=== TASK DESCRIPTION ===
Each line below that carries the string "direction" must appear in the answer.

=== DATA FOR PROCESSING ===
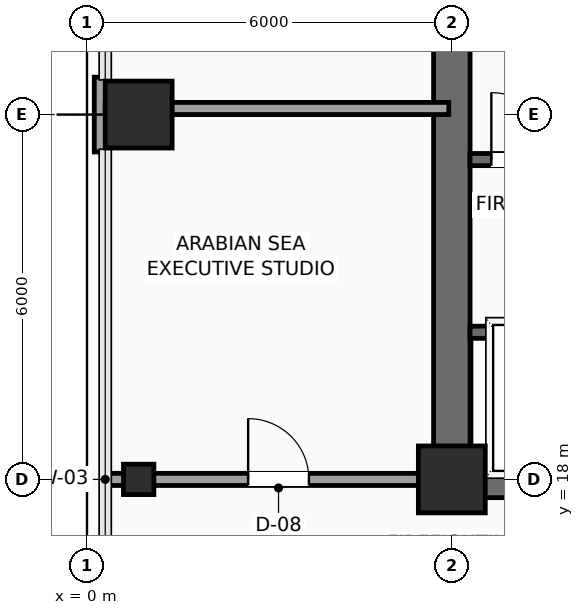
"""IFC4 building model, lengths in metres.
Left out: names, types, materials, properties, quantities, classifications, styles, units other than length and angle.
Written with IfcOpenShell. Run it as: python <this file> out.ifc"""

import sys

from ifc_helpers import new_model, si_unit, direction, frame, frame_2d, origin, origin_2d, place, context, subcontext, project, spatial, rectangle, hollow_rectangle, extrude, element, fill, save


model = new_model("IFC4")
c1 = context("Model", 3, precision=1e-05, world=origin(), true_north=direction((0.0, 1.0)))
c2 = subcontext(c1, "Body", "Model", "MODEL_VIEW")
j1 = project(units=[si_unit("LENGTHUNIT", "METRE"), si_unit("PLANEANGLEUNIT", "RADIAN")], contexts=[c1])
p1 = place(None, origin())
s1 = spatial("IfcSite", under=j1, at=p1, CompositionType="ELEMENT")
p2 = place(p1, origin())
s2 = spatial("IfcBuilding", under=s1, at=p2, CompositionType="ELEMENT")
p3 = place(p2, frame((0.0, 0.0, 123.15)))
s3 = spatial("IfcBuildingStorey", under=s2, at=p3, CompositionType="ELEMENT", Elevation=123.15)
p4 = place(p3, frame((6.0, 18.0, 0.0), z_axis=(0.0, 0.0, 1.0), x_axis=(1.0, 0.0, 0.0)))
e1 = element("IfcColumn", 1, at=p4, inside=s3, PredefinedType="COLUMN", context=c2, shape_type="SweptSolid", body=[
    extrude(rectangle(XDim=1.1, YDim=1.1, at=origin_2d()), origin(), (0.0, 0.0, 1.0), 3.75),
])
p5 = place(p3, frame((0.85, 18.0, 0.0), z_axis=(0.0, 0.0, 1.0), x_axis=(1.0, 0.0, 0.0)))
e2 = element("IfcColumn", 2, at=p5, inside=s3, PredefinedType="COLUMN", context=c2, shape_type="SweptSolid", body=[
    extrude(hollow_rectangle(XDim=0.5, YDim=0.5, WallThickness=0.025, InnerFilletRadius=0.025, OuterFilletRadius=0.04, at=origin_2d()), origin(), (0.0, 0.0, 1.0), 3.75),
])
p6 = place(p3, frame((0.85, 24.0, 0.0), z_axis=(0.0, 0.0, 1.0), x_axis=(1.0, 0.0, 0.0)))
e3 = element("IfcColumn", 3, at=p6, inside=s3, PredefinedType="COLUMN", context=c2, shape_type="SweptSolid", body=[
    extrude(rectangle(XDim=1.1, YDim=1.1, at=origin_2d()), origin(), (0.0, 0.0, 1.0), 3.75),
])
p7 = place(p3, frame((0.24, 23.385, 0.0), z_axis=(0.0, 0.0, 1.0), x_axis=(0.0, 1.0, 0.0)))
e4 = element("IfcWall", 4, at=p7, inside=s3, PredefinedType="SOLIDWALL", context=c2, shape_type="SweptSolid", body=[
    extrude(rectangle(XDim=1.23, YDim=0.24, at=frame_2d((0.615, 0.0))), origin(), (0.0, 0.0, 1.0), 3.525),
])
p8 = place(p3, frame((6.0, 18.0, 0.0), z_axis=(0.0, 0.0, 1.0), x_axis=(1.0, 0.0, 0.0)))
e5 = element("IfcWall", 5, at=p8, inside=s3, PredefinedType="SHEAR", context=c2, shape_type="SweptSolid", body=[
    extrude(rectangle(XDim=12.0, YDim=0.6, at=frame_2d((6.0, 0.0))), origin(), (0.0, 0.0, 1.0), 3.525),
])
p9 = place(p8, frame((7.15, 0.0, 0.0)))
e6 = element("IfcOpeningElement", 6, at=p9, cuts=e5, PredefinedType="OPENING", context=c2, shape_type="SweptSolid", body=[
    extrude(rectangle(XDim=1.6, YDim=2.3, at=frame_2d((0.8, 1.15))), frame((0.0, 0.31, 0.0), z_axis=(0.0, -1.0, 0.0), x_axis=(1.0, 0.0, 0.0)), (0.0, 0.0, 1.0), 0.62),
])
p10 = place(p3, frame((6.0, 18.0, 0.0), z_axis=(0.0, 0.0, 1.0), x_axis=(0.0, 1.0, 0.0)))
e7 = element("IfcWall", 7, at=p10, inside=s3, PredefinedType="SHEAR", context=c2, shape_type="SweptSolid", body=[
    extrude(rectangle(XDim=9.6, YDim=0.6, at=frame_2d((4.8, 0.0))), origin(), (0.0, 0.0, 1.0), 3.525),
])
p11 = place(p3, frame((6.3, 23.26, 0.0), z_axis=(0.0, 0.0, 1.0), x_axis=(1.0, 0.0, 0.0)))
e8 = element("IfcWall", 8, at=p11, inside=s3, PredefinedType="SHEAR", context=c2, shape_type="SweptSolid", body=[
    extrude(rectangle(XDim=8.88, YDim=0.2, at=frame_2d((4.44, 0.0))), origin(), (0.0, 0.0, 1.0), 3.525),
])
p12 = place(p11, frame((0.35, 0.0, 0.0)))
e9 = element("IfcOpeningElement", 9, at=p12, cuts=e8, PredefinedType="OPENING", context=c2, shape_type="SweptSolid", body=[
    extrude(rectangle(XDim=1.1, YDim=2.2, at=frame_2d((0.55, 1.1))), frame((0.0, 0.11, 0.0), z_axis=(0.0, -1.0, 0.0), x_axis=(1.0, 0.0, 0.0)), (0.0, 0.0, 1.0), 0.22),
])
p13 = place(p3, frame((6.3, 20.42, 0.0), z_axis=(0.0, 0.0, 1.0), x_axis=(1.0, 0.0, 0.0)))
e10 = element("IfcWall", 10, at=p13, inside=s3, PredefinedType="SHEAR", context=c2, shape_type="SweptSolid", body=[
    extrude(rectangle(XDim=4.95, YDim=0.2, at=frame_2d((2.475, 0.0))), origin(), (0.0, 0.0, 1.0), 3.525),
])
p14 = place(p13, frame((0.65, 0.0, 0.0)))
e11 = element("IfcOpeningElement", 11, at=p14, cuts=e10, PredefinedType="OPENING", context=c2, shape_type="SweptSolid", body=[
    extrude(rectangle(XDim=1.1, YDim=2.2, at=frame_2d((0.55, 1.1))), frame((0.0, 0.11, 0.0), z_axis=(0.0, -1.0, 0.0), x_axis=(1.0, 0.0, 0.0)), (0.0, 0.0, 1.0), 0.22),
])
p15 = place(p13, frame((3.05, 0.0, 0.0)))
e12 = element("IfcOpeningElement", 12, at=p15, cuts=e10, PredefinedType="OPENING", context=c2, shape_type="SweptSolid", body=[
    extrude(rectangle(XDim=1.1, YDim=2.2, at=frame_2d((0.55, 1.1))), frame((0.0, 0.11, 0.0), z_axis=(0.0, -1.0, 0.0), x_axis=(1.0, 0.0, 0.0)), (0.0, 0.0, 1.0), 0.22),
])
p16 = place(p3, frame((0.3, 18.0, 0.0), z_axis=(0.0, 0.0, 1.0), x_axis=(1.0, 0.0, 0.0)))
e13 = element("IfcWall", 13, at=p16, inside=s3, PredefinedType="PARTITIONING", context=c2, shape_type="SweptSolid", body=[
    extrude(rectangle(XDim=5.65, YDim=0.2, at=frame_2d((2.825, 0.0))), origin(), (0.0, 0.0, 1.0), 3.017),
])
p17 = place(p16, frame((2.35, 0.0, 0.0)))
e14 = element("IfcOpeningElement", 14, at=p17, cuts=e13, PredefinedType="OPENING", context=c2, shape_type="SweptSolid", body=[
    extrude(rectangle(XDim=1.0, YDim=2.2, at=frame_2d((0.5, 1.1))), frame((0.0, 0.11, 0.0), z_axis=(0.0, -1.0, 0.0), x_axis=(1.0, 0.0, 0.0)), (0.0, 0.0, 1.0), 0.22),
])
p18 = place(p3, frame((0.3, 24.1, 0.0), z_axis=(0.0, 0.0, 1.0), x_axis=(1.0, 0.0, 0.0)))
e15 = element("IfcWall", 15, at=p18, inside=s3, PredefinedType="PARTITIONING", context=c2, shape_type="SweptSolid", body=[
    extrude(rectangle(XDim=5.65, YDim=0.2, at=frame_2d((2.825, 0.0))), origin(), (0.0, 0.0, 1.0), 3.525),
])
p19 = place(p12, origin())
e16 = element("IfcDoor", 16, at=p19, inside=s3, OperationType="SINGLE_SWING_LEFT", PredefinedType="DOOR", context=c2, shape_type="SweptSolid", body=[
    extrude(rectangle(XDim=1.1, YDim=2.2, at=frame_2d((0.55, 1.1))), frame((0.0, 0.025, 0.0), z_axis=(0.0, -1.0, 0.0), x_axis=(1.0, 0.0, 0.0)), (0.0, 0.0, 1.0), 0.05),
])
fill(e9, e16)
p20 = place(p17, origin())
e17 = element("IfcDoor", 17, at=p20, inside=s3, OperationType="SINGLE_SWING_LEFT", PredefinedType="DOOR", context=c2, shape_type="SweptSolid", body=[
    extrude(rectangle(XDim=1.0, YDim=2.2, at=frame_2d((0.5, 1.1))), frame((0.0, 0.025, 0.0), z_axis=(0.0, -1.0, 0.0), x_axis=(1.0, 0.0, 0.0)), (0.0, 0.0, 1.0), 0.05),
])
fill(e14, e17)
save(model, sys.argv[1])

=== RESPONSE TO THIS TASK ===
from ifc_helpers import new_model, si_unit, direction, frame, frame_2d, origin, origin_2d, place, context, subcontext, project, spatial, rectangle, hollow_rectangle, extrude, element, fill, save
c1 = context("Model", 3, precision=1e-05, world=origin(), true_north=direction((0.0, 1.0)))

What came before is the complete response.